TASK INPUTS: Begin

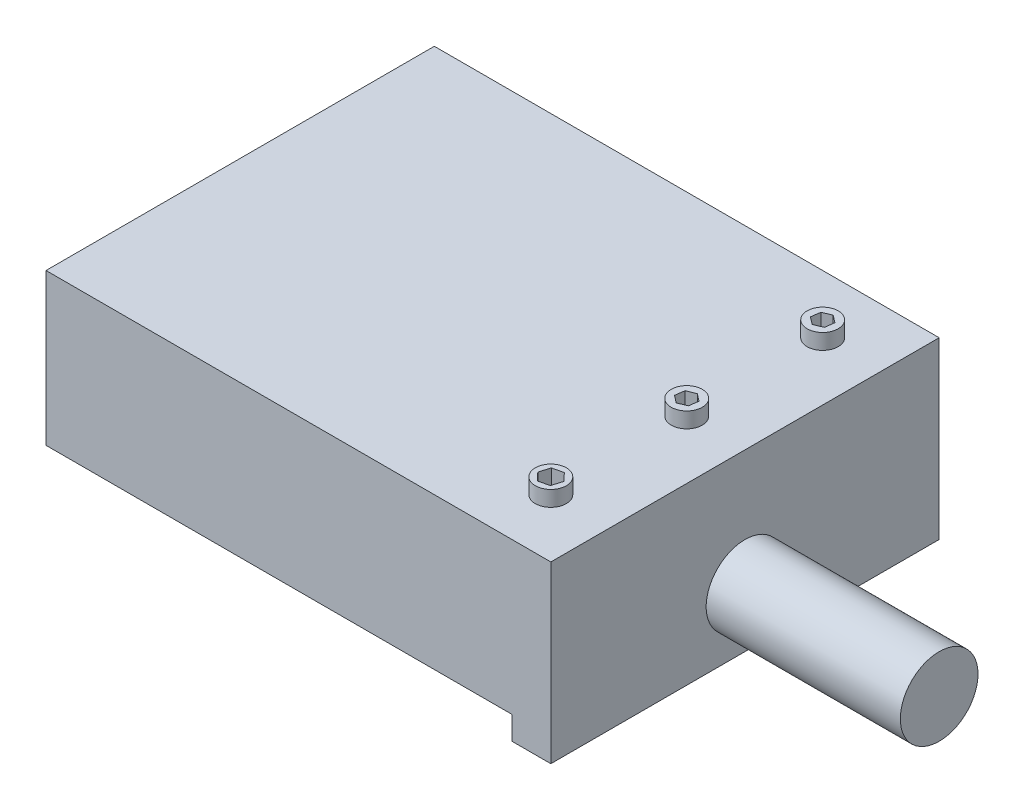
SolidWorks part; units mm, degrees
ref_plane "Front Plane" through (0, 0, 0) normal (0, 0, 1) x (1, 0, 0)
ref_plane "Top Plane" through (0, 0, 0) normal (0, 1, 0) x (1, 0, 0)
ref_plane "Right Plane" through (0, 0, 0) normal (1, 0, 0) x (0, 0, -1)
other "Configuration Table"
sketch "Sketch1" plane through (0, 0, 0) normal (0, 1, 0) x (1, 0, 0)
  line L1 (-35, 50) -> (35, 50)
  line L2 (-35, 50) -> (-35, -50)
  line L3 (-35, -50) -> (35, -50)
  line L4 (35, 50) -> (35, -50)
  line L5 (-35, 50) -> (35, -50) construction
  line L6 (-35, -50) -> (35, 50) construction
  point P0 (0, 0)
  dimension "D1" = 70
  dimension "D2" = 100
extrude "Boss-Extrude1" add sketch "Sketch1" along normal blind 30
sketch "Sketch2" plane through (0, 30, 0) normal (0, 1, 0) x (1, 0, 0)
  line L0 (20, 50) -> (20, -35) construction
  line L1 (35, 50) -> (-35, 50) construction
  line L2 (20, -35) -> (-35, -35) construction
  line L3 (-35, 50) -> (-35, -50) construction
  line L4 (35, -50) -> (35, 50) construction
  line L5 (-35, -50) -> (35, -50) construction
  line L7 (21.9131, 33.5347) -> (22.2255, 35.9241)
  line L8 (22.2255, 35.9241) -> (20.3125, 37.3894)
  line L9 (20.3125, 37.3894) -> (18.0869, 36.4653)
  line L10 (18.0869, 36.4653) -> (17.7745, 34.0759)
  line L11 (17.7745, 34.0759) -> (19.6875, 32.6106)
  line L12 (19.6875, 32.6106) -> (21.9131, 33.5347)
  line L13 (21.9131, -1.4702) -> (22.2298, 0.9217)
  line L14 (22.2298, 0.9217) -> (20.3167, 2.3919)
  line L15 (20.3167, 2.3919) -> (18.0869, 1.4702)
  line L16 (18.0869, 1.4702) -> (17.7702, -0.9217)
  line L17 (17.7702, -0.9217) -> (19.6833, -2.3919)
  line L18 (19.6833, -2.3919) -> (21.9131, -1.4702)
  line L19 (21.9131, -37.0352) -> (22.719, -34.3608)
  line L20 (22.719, -34.3608) -> (20.806, -32.3257)
  line L21 (20.806, -32.3257) -> (18.0869, -32.9648)
  line L22 (18.0869, -32.9648) -> (17.281, -35.6392)
  line L23 (17.281, -35.6392) -> (19.194, -37.6743)
  line L24 (19.194, -37.6743) -> (21.9131, -37.0352)
  circle A1 centre (20, -35) radius 4
  circle A2 centre (20, 0) radius 4
  circle A3 centre (20, 35) radius 4
  circle A4 centre (20, 35) radius 2.0869 construction
  circle A5 centre (20, 0) radius 2.0895 construction
  circle A6 centre (20, -35) radius 2.4189 construction
  dimension "D4" = 8
  dimension "D5" = 8
  dimension "D6" = 8
  dimension "D1" = 15
  dimension "D2" = 15
  dimension "D8" = 35
  dimension "D9" = 35
extrude "Boss-Extrude2" add sketch "Sketch2" along normal blind 4
sketch "Sketch3" plane through (35, 0, 0) normal (1, 0, 0) x (0, 0, -1)
  line L0 (-50, 30) -> (50, 30) construction
  circle A0 centre (0, 0) radius 10
  dimension "D1" = 20
  dimension "D2" = 30
extrude "Boss-Extrude3" add sketch "Sketch3" along normal blind 50
sketch "Sketch4" plane through (0, 0, 0) normal (0, -1, 0) x (1, 0, 0)
  line L1 (-35, 50) -> (35, 50)
  line L2 (-35, 50) -> (-35, -50)
  line L3 (-35, -50) -> (35, -50)
  line L4 (35, 50) -> (35, -50)
extrude "Boss-Extrude4" add sketch "Sketch4" along normal blind 15
sketch "Sketch5" plane through (0, 0, -50) normal (0, 0, -1) x (-1, 0, 0)
  line L1 (35, -15) -> (-25, -15)
  line L2 (35, -15) -> (35, -9)
  line L3 (35, -9) -> (-25, -9)
  line L4 (-25, -15) -> (-25, -9)
  dimension "D1" = 60
  dimension "D2" = 6
extrude "Cut-Extrude1" cut sketch "Sketch5" against normal up to next
sketch "Sketch6" plane through (-35, 0, 0) normal (-1, 0, 0) x (0, 0, 1)
  line L1 (-50, -9) -> (50, -9)
  line L2 (-50, -9) -> (-50, 30)
  line L3 (-50, 30) -> (50, 30)
  line L4 (50, -9) -> (50, 30)
extrude "Boss-Extrude5" add sketch "Sketch6" along normal blind 60
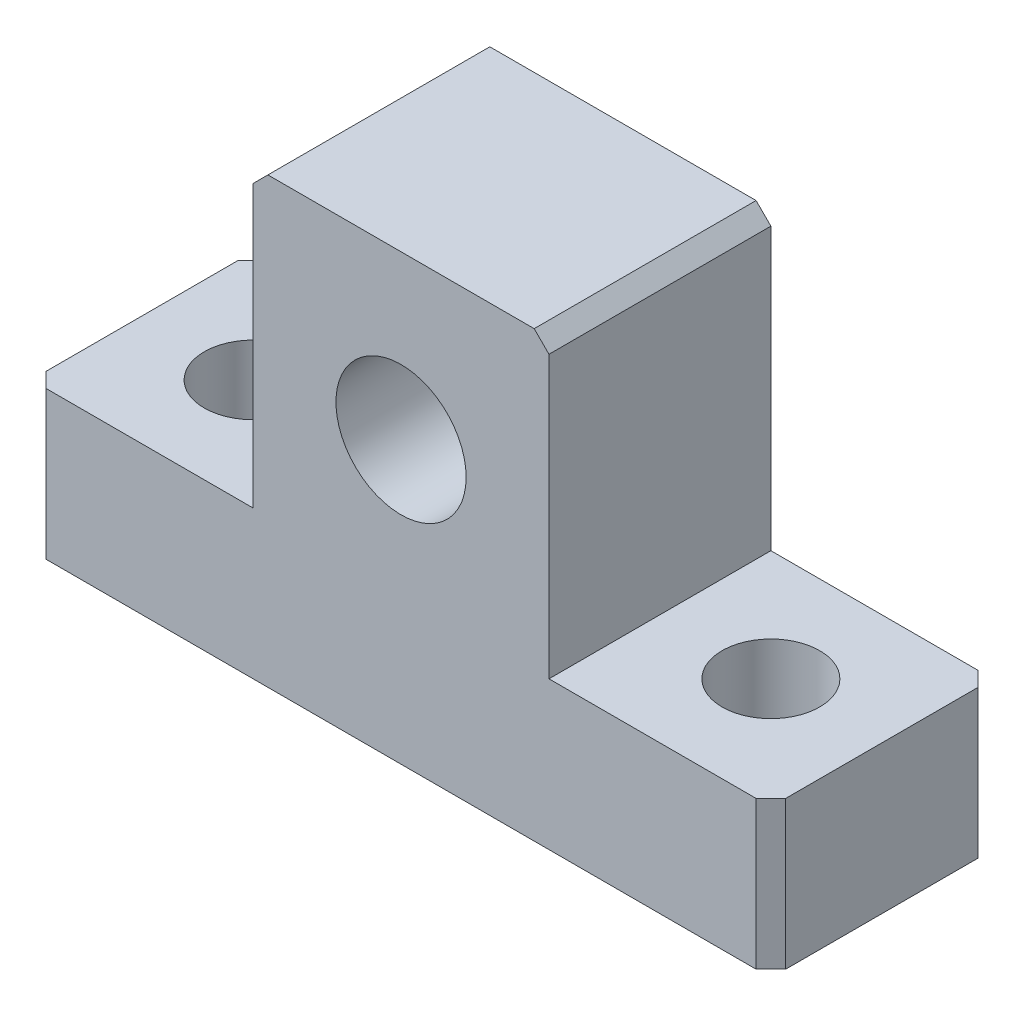
from build123d import *

# Parameters (mm, degrees)
BOSS_EXTRUDE1_DEPTH     = 15
CHAMFER1_SIZE           = 1
HOLE1_D                 = 6.6
M10X1_25_TAPPED_HOLE1_D = 8.8


with BuildPart() as part:
    # Sketch1 → Boss-Extrude1 (new body)
    with BuildSketch(Plane.XY):
        Polygon((-7.92160415, 21.721938776), (-7.92160415, 1.721938776), (-22.92160415, 1.721938776), (-22.92160415, -8.278061224), (27.07839585, -8.278061224), (27.07839585, 1.721938776), (12.07839585, 1.721938776), (12.07839585, 21.721938776), align=None)
    extrude(amount=BOSS_EXTRUDE1_DEPTH)

    # Chamfer1
    chamfer1_edges = [part.edges().sort_by_distance(p)[0] for p in [
        (-22.92160415, -3.278061224, 0),
        (12.07839585, 21.721938776, 7.5),
        (-7.92160415, 21.721938776, 7.5),
        (-22.92160415, -3.278061224, 15),
        (27.07839585, -3.278061224, 15),
        (27.07839585, -3.278061224, 0),
    ]]
    chamfer(chamfer1_edges, length=CHAMFER1_SIZE)

    # Hole1 (through all)
    with Locations(Plane(origin=(0, 1.721938776, 0), x_dir=(1, 0, 0), z_dir=(0, 1, 0))):
        with Locations((-15.42160415, -7.5), (19.57839585, -7.5)):
            Hole(HOLE1_D / 2)

    # M10x1.25 Tapped Hole1 (through all)
    with Locations(Plane.XY.offset(15)):
        with Locations((2.07839585, 10.721938776)):
            Hole(M10X1_25_TAPPED_HOLE1_D / 2)


solid = part.part
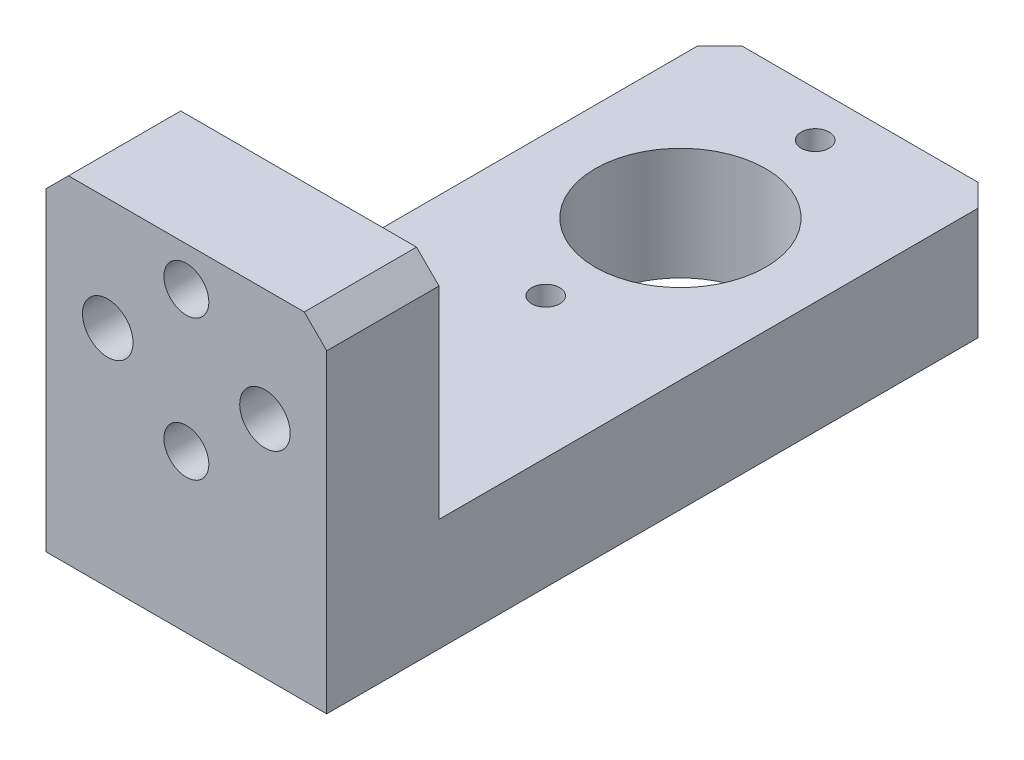
SolidWorks part; units mm, degrees
material "A6061 T6"
ref_plane "前视基准面" through (0, 0, 0) normal (0, 0, 1) x (1, 0, 0)
ref_plane "上视基准面" through (0, 0, 0) normal (0, 1, 0) x (1, 0, 0)
ref_plane "右视基准面" through (0, 0, 0) normal (1, 0, 0) x (0, 0, -1)
sketch "草图1" plane through (0, 0, 0) normal (0, 1, 0) x (1, 0, 0)
  line L1 (-12.5, 30) -> (12.5, 30)
  line L2 (-12.5, 30) -> (-12.5, -30)
  line L3 (-12.5, -30) -> (12.5, -30)
  line L4 (12.5, 30) -> (12.5, -30)
  line L5 (-12.5, 30) -> (12.5, -30) construction
  line L6 (-12.5, -30) -> (12.5, 30) construction
  point P0 (0, 0)
  dimension "D1" = 25
  dimension "D2" = 60
extrude "凸台-拉伸1" add sketch "草图1" along normal blind 10
sketch "草图2" plane through (0, 0, 0) normal (0, -1, 0) x (1, 0, 0)
  line L0 (-12.5, -30) -> (-12.5, 30) construction
  line L1 (12.5, -30) -> (-12.5, -30) construction
  circle A0 centre (0, -14) radius 7.6
  dimension "D1" = 15.2
  dimension "D2" = 12.5
  dimension "D3" = 16
extrude "切除-拉伸1" cut sketch "草图2" against normal blind 20
sketch "草图3" plane through (0, 10, 0) normal (0, 1, 0) x (1, 0, 0)
  line L0 (12.5, -30) -> (12.5, 30) construction
  line L1 (-12.5, -30) -> (12.5, -30)
  line L2 (-12.5, -30) -> (-12.5, -20)
  line L3 (-12.5, -20) -> (12.5, -20)
  line L4 (12.5, -30) -> (12.5, -20)
  dimension "D1" = 10
extrude "凸台-拉伸2" add sketch "草图3" along normal blind 20
chamfer "倒角1" distance 2 angle 45 4 edges at (-12.5, 30, 25) (12.5, 30, 25) (-12.5, 5, -30) (12.5, 5, -30)
hole_wizard "打孔尺寸(%根据)内六角圆柱头螺钉的类型1" positions "草图4" profile "草图5" counterbore size "M4" standard "GB"
sketch "草图4" plane through (0, 0, 20) normal (0, 0, -1) x (-1, 0, 0)
  line L0 (-10.5, 30) -> (10.5, 30) construction
  line L1 (12.5, 28) -> (12.5, 10) construction
  line L2 (-12.5, 28) -> (-12.5, 10) construction
  point P0 (7, 20)
  point P2 (-7, 20)
  dimension "D1" = 10
  dimension "D2" = 5.5
  dimension "D3" = 5.5
sketch "草图5" plane through (-7, 20, 20) normal (1, 0, 0) x (0, 1, 0)
  line L0 (0, 0) -> (0, 16.3519)
  line L1 (0, 16.3519) -> (2.25, 15)
  line L2 (2.25, 15) -> (2.25, 4.6)
  line L3 (2.25, 4.6) -> (4, 4.6)
  line L4 (4, 4.6) -> (4, 0)
  line L5 (4, 0) -> (0, 0)
  line L10 (0, 16.3519) -> (-2.25, 15) construction
  line L11 (0, -6.35) -> (0, 107.95) construction
  dimension "孔直径" = 4.5
  dimension "孔深度" = 15
  dimension "柱形沉头孔直径" = 8
  dimension "柱形沉头孔深度" = 4.6
  dimension "导头角度" = 118
hole_wizard "大小mm 暗销孔1" positions "草图6" profile "草图7" hole size "Ø4.0" standard "GB"
sketch "草图6" plane through (0, 0, 20) normal (0, 0, -1) x (-1, 0, 0)
  line L0 (-10.5, 30) -> (10.5, 30) construction
  line L1 (12.5, 28) -> (12.5, 10) construction
  point P0 (0, 26.5)
  point P2 (0, 14)
  dimension "D1" = 3.5
  dimension "D2" = 12.5
  dimension "D3" = 12.5
sketch "草图7" plane through (0, 26.5, 20) normal (1, 0, 0) x (0, 1, 0)
  line L0 (0, 0) -> (0, 16.2017)
  line L1 (0, 16.2017) -> (2, 15)
  line L2 (2, 15) -> (2, 0)
  line L5 (2, 0) -> (0, 0)
  line L10 (0, 16.2017) -> (-2, 15) construction
  line L11 (0, -6.35) -> (0, 107.95) construction
  dimension "孔直径" = 4
  dimension "孔深度" = 15
  dimension "导头角度" = 118
hole_wizard "M3 螺纹孔1" positions "草图8" profile "草图9" tap size "M3" standard "GB"
sketch "草图8" plane through (0, 0, 0) normal (0, -1, 0) x (-1, 0, 0)
  point P0 (0, 26)
  point P3 (0, 2)
sketch "草图9" plane through (0, 0, -26) normal (1, 0, 0) x (0, 0, -1)
  line L0 (0, 0) -> (0, 15.7511)
  line L1 (0, 15.7511) -> (1.25, 15)
  line L2 (1.25, 15) -> (1.25, 0)
  line L5 (1.25, 0) -> (0, 0)
  line L10 (0, 15.7511) -> (-1.25, 15) construction
  line L11 (0, -6.35) -> (0, 107.95) construction
  dimension "螺纹孔钻头直径" = 2.5
  dimension "螺纹孔钻头深度" = 15
  dimension "导头角度" = 118
cosmetic thread "孔螺蚊线1" parameters "D1"=6, "D2"=3
cosmetic thread "孔螺蚊线2" parameters "D1"=6, "D2"=3

TASK INPUTS: End

WHAT IS BEING ASKED
Everything above from the line with "(0, 26.5, 20)" to the line with "0, -26) normal", both included, must be repeated exactly, and nothing outside that range.

ANSWER FOR THIS EXERCISE
sketch "草图7" plane through (0, 26.5, 20) normal (1, 0, 0) x (0, 1, 0)
  line L0 (0, 0) -> (0, 16.2017)
  line L1 (0, 16.2017) -> (2, 15)
  line L2 (2, 15) -> (2, 0)
  line L5 (2, 0) -> (0, 0)
  line L10 (0, 16.2017) -> (-2, 15) construction
  line L11 (0, -6.35) -> (0, 107.95) construction
  dimension "孔直径" = 4
  dimension "孔深度" = 15
  dimension "导头角度" = 118
hole_wizard "M3 螺纹孔1" positions "草图8" profile "草图9" tap size "M3" standard "GB"
sketch "草图8" plane through (0, 0, 0) normal (0, -1, 0) x (-1, 0, 0)
  point P0 (0, 26)
  point P3 (0, 2)
sketch "草图9" plane through (0, 0, -26) normal (1, 0, 0) x (0, 0, -1)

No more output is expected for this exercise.